> **EXERCISE PROMPT**: Please reproduce, exactly and with nothing added, the lines of the material below that run from the one containing "-29.336704482), (37.78472507, -29.629597701))" to the end.

> **DATA FOR THE TASK**:

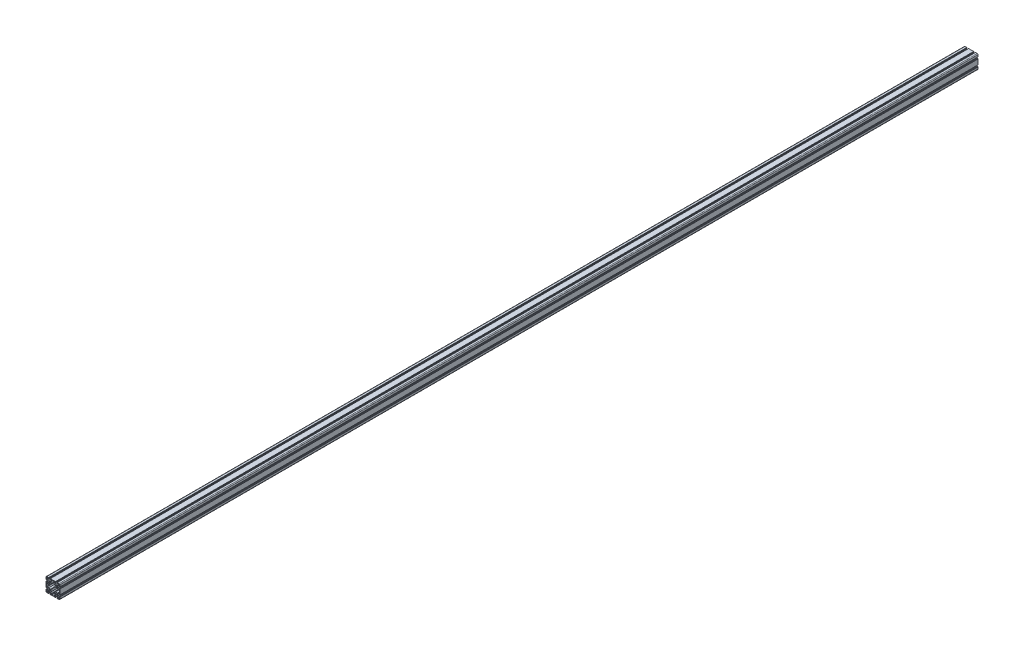
from build123d import *

# Parameters (mm, degrees)
SKETCH1_R           = 3.4
BOSS_EXTRUDE1_DEPTH = 5338


with BuildPart() as part:
    # Sketch1 → Boss-Extrude1 (new body)
    with BuildSketch(Plane.XY.offset(100)):
        with BuildLine():
            Line((37.78472507, 10.370402299), (32.802492023, 10.370402299))
            Line((32.802492023, 10.370402299), (28.48472507, 14.688169252))
            Line((28.48472507, 14.688169252), (28.48472507, 26.552635346))
            Line((28.48472507, 26.552635346), (32.802492023, 30.870402299))
            Line((32.802492023, 30.870402299), (37.78472507, 30.870402299))
            ThreePointArc((37.78472507, 30.870402299), (38.491831851, 30.57750908), (38.78472507, 29.870402299))
            Line((38.78472507, 29.870402299), (38.78472507, 28.220402299))
            ThreePointArc((38.78472507, 28.220402299), (38.491831851, 27.513295518), (37.78472507, 27.220402299))
            Line((37.78472507, 27.220402299), (36.28472507, 27.220402299))
            Line((36.28472507, 27.220402299), (36.28472507, 25.020402299))
            ThreePointArc((36.28472507, 25.020402299), (36.372593036, 24.808270264), (36.58472507, 24.720402299))
            Line((36.58472507, 24.720402299), (39.78472507, 24.720402299))
            Line((39.78472507, 24.720402299), (39.78472507, 25.520402299))
            ThreePointArc((39.78472507, 25.520402299), (39.843303714, 25.661823655), (39.98472507, 25.720402299))
            Line((39.98472507, 25.720402299), (40.78472507, 25.720402299))
            Line((40.78472507, 25.720402299), (40.78472507, 36.120402299))
            ThreePointArc((40.78472507, 36.120402299), (39.466705585, 39.302382814), (36.28472507, 40.620402299))
            Line((36.28472507, 40.620402299), (25.88472507, 40.620402299))
            Line((25.88472507, 40.620402299), (25.88472507, 39.820402299))
            ThreePointArc((25.88472507, 39.820402299), (25.826146426, 39.678980943), (25.68472507, 39.620402299))
            Line((25.68472507, 39.620402299), (24.88472507, 39.620402299))
            Line((24.88472507, 39.620402299), (24.88472507, 36.420402299))
            ThreePointArc((24.88472507, 36.420402299), (24.972593036, 36.208270264), (25.18472507, 36.120402299))
            Line((25.18472507, 36.120402299), (27.38472507, 36.120402299))
            Line((27.38472507, 36.120402299), (27.38472507, 37.620402299))
            ThreePointArc((27.38472507, 37.620402299), (27.677618289, 38.32750908), (28.38472507, 38.620402299))
            Line((28.38472507, 38.620402299), (30.03472507, 38.620402299))
            ThreePointArc((30.03472507, 38.620402299), (30.741831851, 38.32750908), (31.03472507, 37.620402299))
            Line((31.03472507, 37.620402299), (31.03472507, 32.638169252))
            Line((31.03472507, 32.638169252), (26.716958117, 28.320402299))
            Line((26.716958117, 28.320402299), (14.852492023, 28.320402299))
            Line((14.852492023, 28.320402299), (10.53472507, 32.638169252))
            Line((10.53472507, 32.638169252), (10.53472507, 37.620402299))
            ThreePointArc((10.53472507, 37.620402299), (10.827618289, 38.32750908), (11.53472507, 38.620402299))
            Line((11.53472507, 38.620402299), (13.18472507, 38.620402299))
            ThreePointArc((13.18472507, 38.620402299), (13.891831851, 38.32750908), (14.18472507, 37.620402299))
            Line((14.18472507, 37.620402299), (14.18472507, 36.120402299))
            Line((14.18472507, 36.120402299), (16.38472507, 36.120402299))
            ThreePointArc((16.38472507, 36.120402299), (16.596857104, 36.208270264), (16.68472507, 36.420402299))
            Line((16.68472507, 36.420402299), (16.68472507, 39.620402299))
            Line((16.68472507, 39.620402299), (15.88472507, 39.620402299))
            ThreePointArc((15.88472507, 39.620402299), (15.743303714, 39.678980943), (15.68472507, 39.820402299))
            Line((15.68472507, 39.820402299), (15.68472507, 40.620402299))
            Line((15.68472507, 40.620402299), (-14.11527493, 40.620402299))
            Line((-14.11527493, 40.620402299), (-14.11527493, 39.820402299))
            ThreePointArc((-14.11527493, 39.820402299), (-14.173853574, 39.678980943), (-14.31527493, 39.620402299))
            Line((-14.31527493, 39.620402299), (-15.11527493, 39.620402299))
            Line((-15.11527493, 39.620402299), (-15.11527493, 36.420402299))
            ThreePointArc((-15.11527493, 36.420402299), (-15.027406964, 36.208270264), (-14.81527493, 36.120402299))
            Line((-14.81527493, 36.120402299), (-12.61527493, 36.120402299))
            Line((-12.61527493, 36.120402299), (-12.61527493, 37.620402299))
            ThreePointArc((-12.61527493, 37.620402299), (-12.322381711, 38.32750908), (-11.61527493, 38.620402299))
            Line((-11.61527493, 38.620402299), (-9.96527493, 38.620402299))
            ThreePointArc((-9.96527493, 38.620402299), (-9.258168149, 38.32750908), (-8.96527493, 37.620402299))
            Line((-8.96527493, 37.620402299), (-8.96527493, 32.638169252))
            Line((-8.96527493, 32.638169252), (-13.283041883, 28.320402299))
            Line((-13.283041883, 28.320402299), (-25.147507977, 28.320402299))
            Line((-25.147507977, 28.320402299), (-29.46527493, 32.638169252))
            Line((-29.46527493, 32.638169252), (-29.46527493, 37.620402299))
            ThreePointArc((-29.46527493, 37.620402299), (-29.172381711, 38.32750908), (-28.46527493, 38.620402299))
            Line((-28.46527493, 38.620402299), (-26.81527493, 38.620402299))
            ThreePointArc((-26.81527493, 38.620402299), (-26.108168149, 38.32750908), (-25.81527493, 37.620402299))
            Line((-25.81527493, 37.620402299), (-25.81527493, 36.120402299))
            Line((-25.81527493, 36.120402299), (-23.61527493, 36.120402299))
            ThreePointArc((-23.61527493, 36.120402299), (-23.403142896, 36.208270264), (-23.31527493, 36.420402299))
            Line((-23.31527493, 36.420402299), (-23.31527493, 39.620402299))
            Line((-23.31527493, 39.620402299), (-24.11527493, 39.620402299))
            ThreePointArc((-24.11527493, 39.620402299), (-24.256696286, 39.678980943), (-24.31527493, 39.820402299))
            Line((-24.31527493, 39.820402299), (-24.31527493, 40.620402299))
            Line((-24.31527493, 40.620402299), (-34.71527493, 40.620402299))
            ThreePointArc((-34.71527493, 40.620402299), (-37.897255445, 39.302382814), (-39.21527493, 36.120402299))
            Line((-39.21527493, 36.120402299), (-39.21527493, 25.720402299))
            Line((-39.21527493, 25.720402299), (-38.41527493, 25.720402299))
            ThreePointArc((-38.41527493, 25.720402299), (-38.273853574, 25.661823655), (-38.21527493, 25.520402299))
            Line((-38.21527493, 25.520402299), (-38.21527493, 24.720402299))
            Line((-38.21527493, 24.720402299), (-35.01527493, 24.720402299))
            ThreePointArc((-35.01527493, 24.720402299), (-34.803142896, 24.808270264), (-34.71527493, 25.020402299))
            Line((-34.71527493, 25.020402299), (-34.71527493, 27.220402299))
            Line((-34.71527493, 27.220402299), (-36.21527493, 27.220402299))
            ThreePointArc((-36.21527493, 27.220402299), (-36.922381711, 27.513295518), (-37.21527493, 28.220402299))
            Line((-37.21527493, 28.220402299), (-37.21527493, 29.870402299))
            ThreePointArc((-37.21527493, 29.870402299), (-36.922381711, 30.57750908), (-36.21527493, 30.870402299))
            Line((-36.21527493, 30.870402299), (-31.233041883, 30.870402299))
            Line((-31.233041883, 30.870402299), (-26.91527493, 26.552635346))
            Line((-26.91527493, 26.552635346), (-26.91527493, 14.688169252))
            Line((-26.91527493, 14.688169252), (-31.233041883, 10.370402299))
            Line((-31.233041883, 10.370402299), (-36.21527493, 10.370402299))
            ThreePointArc((-36.21527493, 10.370402299), (-36.922381711, 10.663295518), (-37.21527493, 11.370402299))
            Line((-37.21527493, 11.370402299), (-37.21527493, 13.020402299))
            ThreePointArc((-37.21527493, 13.020402299), (-36.922381711, 13.72750908), (-36.21527493, 14.020402299))
            Line((-36.21527493, 14.020402299), (-34.71527493, 14.020402299))
            Line((-34.71527493, 14.020402299), (-34.71527493, 16.220402299))
            ThreePointArc((-34.71527493, 16.220402299), (-34.803142896, 16.432534333), (-35.01527493, 16.520402299))
            Line((-35.01527493, 16.520402299), (-38.21527493, 16.520402299))
            Line((-38.21527493, 16.520402299), (-38.21527493, 15.720402299))
            ThreePointArc((-38.21527493, 15.720402299), (-38.273853574, 15.578980943), (-38.41527493, 15.520402299))
            Line((-38.41527493, 15.520402299), (-39.21527493, 15.520402299))
            Line((-39.21527493, 15.520402299), (-39.21527493, -14.279597701))
            Line((-39.21527493, -14.279597701), (-38.41527493, -14.279597701))
            ThreePointArc((-38.41527493, -14.279597701), (-38.273853574, -14.338176345), (-38.21527493, -14.479597701))
            Line((-38.21527493, -14.479597701), (-38.21527493, -15.279597701))
            Line((-38.21527493, -15.279597701), (-35.01527493, -15.279597701))
            ThreePointArc((-35.01527493, -15.279597701), (-34.803142896, -15.191729736), (-34.71527493, -14.979597701))
            Line((-34.71527493, -14.979597701), (-34.71527493, -12.779597701))
            Line((-34.71527493, -12.779597701), (-36.21527493, -12.779597701))
            ThreePointArc((-36.21527493, -12.779597701), (-36.922381711, -12.486704482), (-37.21527493, -11.779597701))
            Line((-37.21527493, -11.779597701), (-37.21527493, -10.129597701))
            ThreePointArc((-37.21527493, -10.129597701), (-36.922381711, -9.42249092), (-36.21527493, -9.129597701))
            Line((-36.21527493, -9.129597701), (-31.233041883, -9.129597701))
            Line((-31.233041883, -9.129597701), (-26.91527493, -13.447364654))
            Line((-26.91527493, -13.447364654), (-26.91527493, -25.311830748))
            Line((-26.91527493, -25.311830748), (-31.233041883, -29.629597701))
            Line((-31.233041883, -29.629597701), (-36.21527493, -29.629597701))
            ThreePointArc((-36.21527493, -29.629597701), (-36.922381711, -29.336704482), (-37.21527493, -28.629597701))
            Line((-37.21527493, -28.629597701), (-37.21527493, -26.979597701))
            ThreePointArc((-37.21527493, -26.979597701), (-36.922381711, -26.27249092), (-36.21527493, -25.979597701))
            Line((-36.21527493, -25.979597701), (-34.71527493, -25.979597701))
            Line((-34.71527493, -25.979597701), (-34.71527493, -23.779597701))
            ThreePointArc((-34.71527493, -23.779597701), (-34.803142896, -23.567465667), (-35.01527493, -23.479597701))
            Line((-35.01527493, -23.479597701), (-38.21527493, -23.479597701))
            Line((-38.21527493, -23.479597701), (-38.21527493, -24.279597701))
            ThreePointArc((-38.21527493, -24.279597701), (-38.273853574, -24.421019057), (-38.41527493, -24.479597701))
            Line((-38.41527493, -24.479597701), (-39.21527493, -24.479597701))
            Line((-39.21527493, -24.479597701), (-39.21527493, -34.879597701))
            ThreePointArc((-39.21527493, -34.879597701), (-37.897255445, -38.061578216), (-34.71527493, -39.379597701))
            Line((-34.71527493, -39.379597701), (-24.31527493, -39.379597701))
            Line((-24.31527493, -39.379597701), (-24.31527493, -38.579597701))
            ThreePointArc((-24.31527493, -38.579597701), (-24.256696286, -38.438176345), (-24.11527493, -38.379597701))
            Line((-24.11527493, -38.379597701), (-23.31527493, -38.379597701))
            Line((-23.31527493, -38.379597701), (-23.31527493, -35.179597701))
            ThreePointArc((-23.31527493, -35.179597701), (-23.403142896, -34.967465667), (-23.61527493, -34.879597701))
            Line((-23.61527493, -34.879597701), (-25.81527493, -34.879597701))
            Line((-25.81527493, -34.879597701), (-25.81527493, -36.379597701))
            ThreePointArc((-25.81527493, -36.379597701), (-26.108168149, -37.086704482), (-26.81527493, -37.379597701))
            Line((-26.81527493, -37.379597701), (-28.46527493, -37.379597701))
            ThreePointArc((-28.46527493, -37.379597701), (-29.172381711, -37.086704482), (-29.46527493, -36.379597701))
            Line((-29.46527493, -36.379597701), (-29.46527493, -31.397364654))
            Line((-29.46527493, -31.397364654), (-25.147507977, -27.079597701))
            Line((-25.147507977, -27.079597701), (-13.283041883, -27.079597701))
            Line((-13.283041883, -27.079597701), (-8.96527493, -31.397364654))
            Line((-8.96527493, -31.397364654), (-8.96527493, -36.379597701))
            ThreePointArc((-8.96527493, -36.379597701), (-9.258168149, -37.086704482), (-9.96527493, -37.379597701))
            Line((-9.96527493, -37.379597701), (-11.61527493, -37.379597701))
            ThreePointArc((-11.61527493, -37.379597701), (-12.322381711, -37.086704482), (-12.61527493, -36.379597701))
            Line((-12.61527493, -36.379597701), (-12.61527493, -34.879597701))
            Line((-12.61527493, -34.879597701), (-14.81527493, -34.879597701))
            ThreePointArc((-14.81527493, -34.879597701), (-15.027406964, -34.967465667), (-15.11527493, -35.179597701))
            Line((-15.11527493, -35.179597701), (-15.11527493, -38.379597701))
            Line((-15.11527493, -38.379597701), (-14.31527493, -38.379597701))
            ThreePointArc((-14.31527493, -38.379597701), (-14.173853574, -38.438176345), (-14.11527493, -38.579597701))
            Line((-14.11527493, -38.579597701), (-14.11527493, -39.379597701))
            Line((-14.11527493, -39.379597701), (15.68472507, -39.379597701))
            Line((15.68472507, -39.379597701), (15.68472507, -38.579597701))
            ThreePointArc((15.68472507, -38.579597701), (15.743303714, -38.438176345), (15.88472507, -38.379597701))
            Line((15.88472507, -38.379597701), (16.68472507, -38.379597701))
            Line((16.68472507, -38.379597701), (16.68472507, -35.179597701))
            ThreePointArc((16.68472507, -35.179597701), (16.596857104, -34.967465667), (16.38472507, -34.879597701))
            Line((16.38472507, -34.879597701), (14.18472507, -34.879597701))
            Line((14.18472507, -34.879597701), (14.18472507, -36.379597701))
            ThreePointArc((14.18472507, -36.379597701), (13.891831851, -37.086704482), (13.18472507, -37.379597701))
            Line((13.18472507, -37.379597701), (11.53472507, -37.379597701))
            ThreePointArc((11.53472507, -37.379597701), (10.827618289, -37.086704482), (10.53472507, -36.379597701))
            Line((10.53472507, -36.379597701), (10.53472507, -31.397364654))
            Line((10.53472507, -31.397364654), (14.852492023, -27.079597701))
            Line((14.852492023, -27.079597701), (26.716958117, -27.079597701))
            Line((26.716958117, -27.079597701), (31.03472507, -31.397364654))
            Line((31.03472507, -31.397364654), (31.03472507, -36.379597701))
            ThreePointArc((31.03472507, -36.379597701), (30.741831851, -37.086704482), (30.03472507, -37.379597701))
            Line((30.03472507, -37.379597701), (28.38472507, -37.379597701))
            ThreePointArc((28.38472507, -37.379597701), (27.677618289, -37.086704482), (27.38472507, -36.379597701))
            Line((27.38472507, -36.379597701), (27.38472507, -34.879597701))
            Line((27.38472507, -34.879597701), (25.18472507, -34.879597701))
            ThreePointArc((25.18472507, -34.879597701), (24.972593036, -34.967465667), (24.88472507, -35.179597701))
            Line((24.88472507, -35.179597701), (24.88472507, -38.379597701))
            Line((24.88472507, -38.379597701), (25.68472507, -38.379597701))
            ThreePointArc((25.68472507, -38.379597701), (25.826146426, -38.438176345), (25.88472507, -38.579597701))
            Line((25.88472507, -38.579597701), (25.88472507, -39.379597701))
            Line((25.88472507, -39.379597701), (36.28472507, -39.379597701))
            ThreePointArc((36.28472507, -39.379597701), (39.466705585, -38.061578216), (40.78472507, -34.879597701))
            Line((40.78472507, -34.879597701), (40.78472507, -24.479597701))
            Line((40.78472507, -24.479597701), (39.98472507, -24.479597701))
            ThreePointArc((39.98472507, -24.479597701), (39.843303714, -24.421019057), (39.78472507, -24.279597701))
            Line((39.78472507, -24.279597701), (39.78472507, -23.479597701))
            Line((39.78472507, -23.479597701), (36.58472507, -23.479597701))
            ThreePointArc((36.58472507, -23.479597701), (36.372593036, -23.567465667), (36.28472507, -23.779597701))
            Line((36.28472507, -23.779597701), (36.28472507, -25.979597701))
            Line((36.28472507, -25.979597701), (37.78472507, -25.979597701))
            ThreePointArc((37.78472507, -25.979597701), (38.491831851, -26.27249092), (38.78472507, -26.979597701))
            Line((38.78472507, -26.979597701), (38.78472507, -28.629597701))
            ThreePointArc((38.78472507, -28.629597701), (38.491831851, -29.336704482), (37.78472507, -29.629597701))
            Line((37.78472507, -29.629597701), (32.802492023, -29.629597701))
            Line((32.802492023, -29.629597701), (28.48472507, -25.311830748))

> **SOLUTION TO THE EXERCISE**:
            ThreePointArc((38.78472507, -28.629597701), (38.491831851, -29.336704482), (37.78472507, -29.629597701))
            Line((37.78472507, -29.629597701), (32.802492023, -29.629597701))
            Line((32.802492023, -29.629597701), (28.48472507, -25.311830748))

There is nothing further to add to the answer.